▶ [WORK INSTRUCTIONS]
State how many lines of the entries hold the string "where", and nothing more.

(Collection entries)
#####
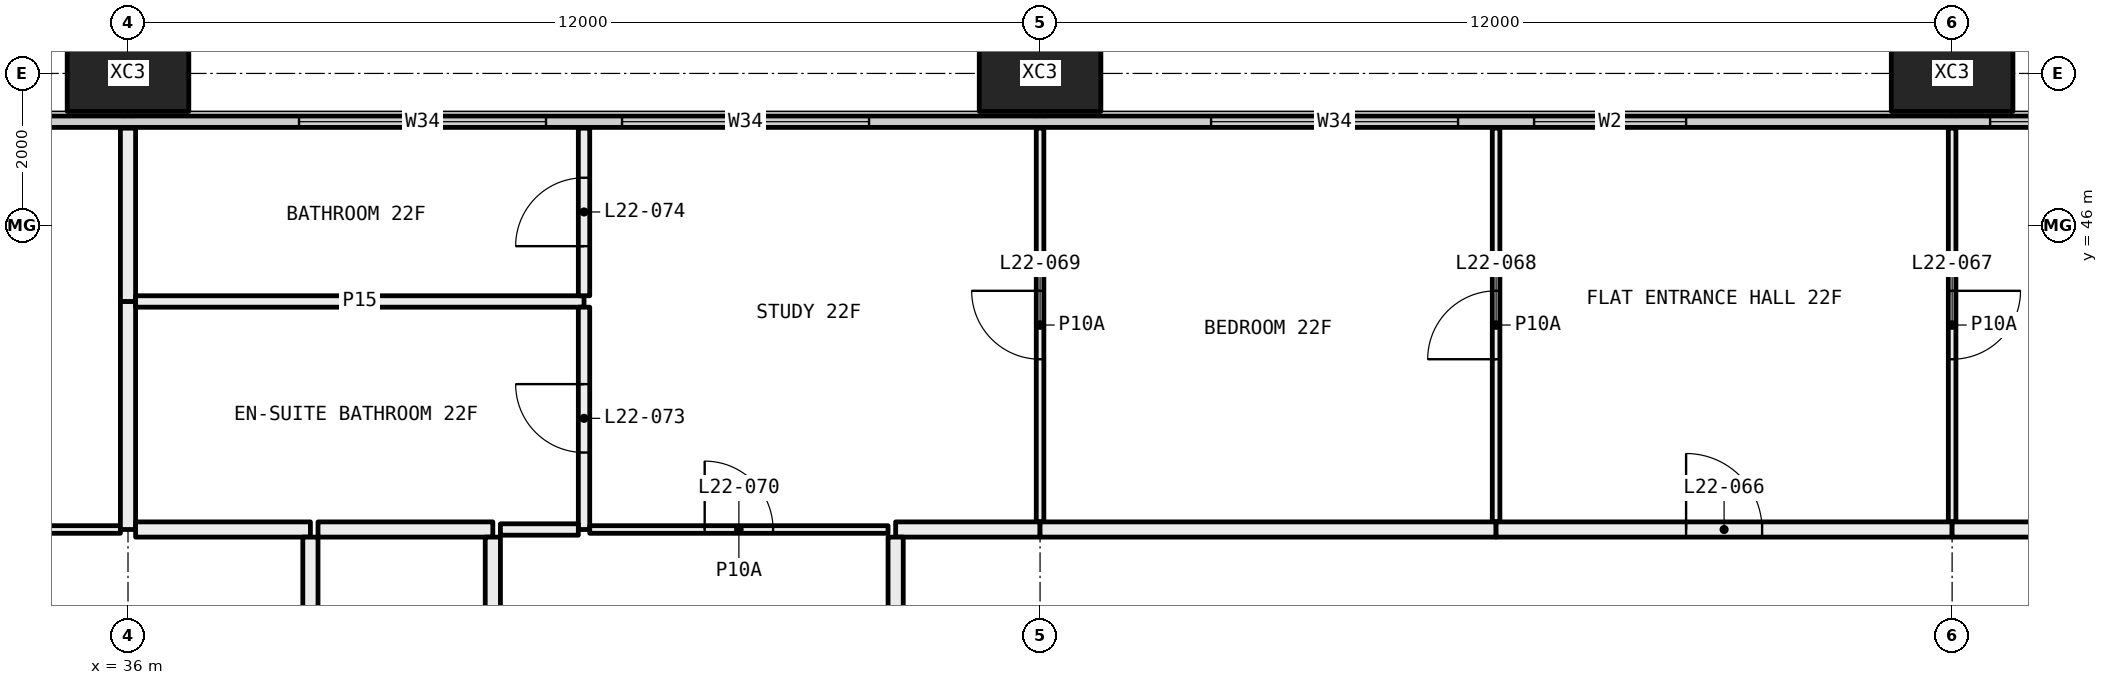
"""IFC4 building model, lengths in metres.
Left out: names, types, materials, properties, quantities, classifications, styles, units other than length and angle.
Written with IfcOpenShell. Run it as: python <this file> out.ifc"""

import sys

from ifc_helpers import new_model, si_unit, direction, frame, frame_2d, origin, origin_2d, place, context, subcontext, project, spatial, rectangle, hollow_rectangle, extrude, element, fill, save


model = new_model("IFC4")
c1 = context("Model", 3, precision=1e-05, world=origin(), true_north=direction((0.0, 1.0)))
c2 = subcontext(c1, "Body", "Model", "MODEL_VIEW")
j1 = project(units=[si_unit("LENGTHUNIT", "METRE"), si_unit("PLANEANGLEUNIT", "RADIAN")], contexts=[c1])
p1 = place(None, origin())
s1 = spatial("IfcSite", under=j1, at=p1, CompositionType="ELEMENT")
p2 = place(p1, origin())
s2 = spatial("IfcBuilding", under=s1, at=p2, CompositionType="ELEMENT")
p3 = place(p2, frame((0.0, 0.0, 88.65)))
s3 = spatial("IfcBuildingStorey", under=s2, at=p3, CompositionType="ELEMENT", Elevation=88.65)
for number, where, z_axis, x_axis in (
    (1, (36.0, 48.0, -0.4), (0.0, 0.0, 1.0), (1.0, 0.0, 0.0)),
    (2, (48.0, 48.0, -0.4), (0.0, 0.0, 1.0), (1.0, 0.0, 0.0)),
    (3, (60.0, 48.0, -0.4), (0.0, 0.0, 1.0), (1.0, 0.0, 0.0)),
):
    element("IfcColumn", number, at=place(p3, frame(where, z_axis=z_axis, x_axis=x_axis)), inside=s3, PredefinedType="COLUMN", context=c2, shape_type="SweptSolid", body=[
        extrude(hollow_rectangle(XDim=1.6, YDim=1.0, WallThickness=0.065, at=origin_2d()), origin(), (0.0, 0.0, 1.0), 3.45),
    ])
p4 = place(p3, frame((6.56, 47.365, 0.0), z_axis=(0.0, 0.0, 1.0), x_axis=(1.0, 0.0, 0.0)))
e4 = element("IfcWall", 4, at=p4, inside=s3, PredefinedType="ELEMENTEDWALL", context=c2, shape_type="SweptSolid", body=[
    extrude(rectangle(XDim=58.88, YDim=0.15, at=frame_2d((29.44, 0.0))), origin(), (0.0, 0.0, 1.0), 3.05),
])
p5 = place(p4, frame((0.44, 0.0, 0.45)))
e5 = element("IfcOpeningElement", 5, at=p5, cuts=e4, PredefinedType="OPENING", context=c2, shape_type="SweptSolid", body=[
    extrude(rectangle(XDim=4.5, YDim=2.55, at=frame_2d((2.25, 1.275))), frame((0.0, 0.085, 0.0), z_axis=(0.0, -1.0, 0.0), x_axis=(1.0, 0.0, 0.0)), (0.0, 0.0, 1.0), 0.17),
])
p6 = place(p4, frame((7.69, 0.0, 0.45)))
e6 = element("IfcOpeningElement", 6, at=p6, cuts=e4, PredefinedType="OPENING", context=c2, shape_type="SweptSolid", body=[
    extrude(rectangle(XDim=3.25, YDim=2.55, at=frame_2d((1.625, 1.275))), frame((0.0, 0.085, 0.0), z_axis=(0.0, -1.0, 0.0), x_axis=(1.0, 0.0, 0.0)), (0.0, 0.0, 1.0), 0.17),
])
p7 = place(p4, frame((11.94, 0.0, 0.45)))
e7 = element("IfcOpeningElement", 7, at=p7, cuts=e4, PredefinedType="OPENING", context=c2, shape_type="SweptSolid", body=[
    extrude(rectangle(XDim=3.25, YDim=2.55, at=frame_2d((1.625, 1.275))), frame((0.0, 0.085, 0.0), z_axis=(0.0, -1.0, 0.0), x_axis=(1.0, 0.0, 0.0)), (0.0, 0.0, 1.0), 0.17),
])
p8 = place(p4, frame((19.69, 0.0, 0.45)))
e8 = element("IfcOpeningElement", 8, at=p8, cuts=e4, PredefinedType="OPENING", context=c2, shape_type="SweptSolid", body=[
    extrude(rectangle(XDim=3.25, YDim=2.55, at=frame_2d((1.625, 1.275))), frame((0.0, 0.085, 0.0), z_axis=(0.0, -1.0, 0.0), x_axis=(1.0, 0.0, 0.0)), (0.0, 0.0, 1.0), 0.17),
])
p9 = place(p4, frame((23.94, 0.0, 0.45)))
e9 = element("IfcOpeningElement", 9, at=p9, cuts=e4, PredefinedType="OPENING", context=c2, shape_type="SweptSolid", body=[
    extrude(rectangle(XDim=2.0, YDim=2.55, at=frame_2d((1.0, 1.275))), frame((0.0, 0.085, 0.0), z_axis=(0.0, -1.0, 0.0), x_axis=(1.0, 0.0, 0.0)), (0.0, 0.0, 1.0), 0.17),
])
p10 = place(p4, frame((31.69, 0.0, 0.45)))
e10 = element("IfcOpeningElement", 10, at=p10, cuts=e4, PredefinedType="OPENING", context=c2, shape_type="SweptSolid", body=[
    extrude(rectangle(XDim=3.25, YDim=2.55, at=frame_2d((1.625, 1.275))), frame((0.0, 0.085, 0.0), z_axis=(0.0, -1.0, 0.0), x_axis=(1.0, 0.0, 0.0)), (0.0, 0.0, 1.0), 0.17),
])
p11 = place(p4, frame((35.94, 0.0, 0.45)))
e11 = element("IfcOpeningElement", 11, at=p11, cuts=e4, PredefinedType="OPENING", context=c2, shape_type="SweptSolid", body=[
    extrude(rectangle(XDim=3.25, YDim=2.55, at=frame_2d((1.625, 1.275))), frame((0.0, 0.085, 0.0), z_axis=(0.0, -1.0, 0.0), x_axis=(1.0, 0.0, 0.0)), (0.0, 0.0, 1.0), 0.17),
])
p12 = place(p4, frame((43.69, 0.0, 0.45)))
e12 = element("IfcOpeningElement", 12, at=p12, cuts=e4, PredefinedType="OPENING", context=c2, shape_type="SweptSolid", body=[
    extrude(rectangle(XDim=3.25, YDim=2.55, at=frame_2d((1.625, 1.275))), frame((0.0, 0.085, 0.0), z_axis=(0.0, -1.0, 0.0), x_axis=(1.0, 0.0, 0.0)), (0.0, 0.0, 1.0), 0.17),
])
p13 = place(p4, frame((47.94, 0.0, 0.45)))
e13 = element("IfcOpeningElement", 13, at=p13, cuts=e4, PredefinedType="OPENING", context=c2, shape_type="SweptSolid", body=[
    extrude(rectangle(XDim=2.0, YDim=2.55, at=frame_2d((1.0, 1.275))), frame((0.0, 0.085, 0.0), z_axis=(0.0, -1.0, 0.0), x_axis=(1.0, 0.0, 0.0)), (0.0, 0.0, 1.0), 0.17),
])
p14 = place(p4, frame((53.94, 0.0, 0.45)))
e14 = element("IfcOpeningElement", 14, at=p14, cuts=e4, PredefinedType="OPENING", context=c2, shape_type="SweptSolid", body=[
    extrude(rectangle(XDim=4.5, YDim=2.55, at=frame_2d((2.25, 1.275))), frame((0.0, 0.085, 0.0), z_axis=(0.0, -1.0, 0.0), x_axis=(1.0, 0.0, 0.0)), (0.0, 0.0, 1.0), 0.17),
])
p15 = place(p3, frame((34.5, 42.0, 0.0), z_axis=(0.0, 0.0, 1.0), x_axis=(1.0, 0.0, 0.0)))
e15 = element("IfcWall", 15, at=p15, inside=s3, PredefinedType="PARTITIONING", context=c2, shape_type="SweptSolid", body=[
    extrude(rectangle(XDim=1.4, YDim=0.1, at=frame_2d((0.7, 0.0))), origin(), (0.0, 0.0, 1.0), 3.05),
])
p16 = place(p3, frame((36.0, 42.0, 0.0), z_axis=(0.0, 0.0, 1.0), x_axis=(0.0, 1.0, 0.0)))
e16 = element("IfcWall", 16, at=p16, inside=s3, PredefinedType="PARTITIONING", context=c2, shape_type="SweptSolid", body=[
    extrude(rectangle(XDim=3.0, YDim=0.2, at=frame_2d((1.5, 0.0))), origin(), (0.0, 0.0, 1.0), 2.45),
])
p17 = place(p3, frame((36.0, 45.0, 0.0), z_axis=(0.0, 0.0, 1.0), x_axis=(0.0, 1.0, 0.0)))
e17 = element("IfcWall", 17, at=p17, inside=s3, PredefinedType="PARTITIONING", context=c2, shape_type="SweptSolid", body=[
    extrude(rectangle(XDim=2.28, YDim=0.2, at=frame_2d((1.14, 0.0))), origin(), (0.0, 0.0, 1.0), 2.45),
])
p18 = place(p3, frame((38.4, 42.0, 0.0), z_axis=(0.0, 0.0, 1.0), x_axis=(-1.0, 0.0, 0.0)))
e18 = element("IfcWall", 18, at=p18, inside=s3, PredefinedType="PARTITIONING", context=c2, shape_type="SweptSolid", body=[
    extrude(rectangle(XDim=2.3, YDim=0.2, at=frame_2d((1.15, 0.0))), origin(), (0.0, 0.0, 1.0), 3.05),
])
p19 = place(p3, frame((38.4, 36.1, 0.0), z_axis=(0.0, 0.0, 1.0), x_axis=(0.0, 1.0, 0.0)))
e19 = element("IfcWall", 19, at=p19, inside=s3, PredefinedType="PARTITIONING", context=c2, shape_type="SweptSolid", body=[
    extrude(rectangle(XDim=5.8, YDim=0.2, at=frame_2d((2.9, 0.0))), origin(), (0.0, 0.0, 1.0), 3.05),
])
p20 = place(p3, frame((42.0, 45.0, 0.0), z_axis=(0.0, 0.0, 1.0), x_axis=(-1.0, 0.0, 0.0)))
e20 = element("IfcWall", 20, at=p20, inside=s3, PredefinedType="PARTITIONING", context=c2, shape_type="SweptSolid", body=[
#####
▶ [THE COMPLETED TASK]
2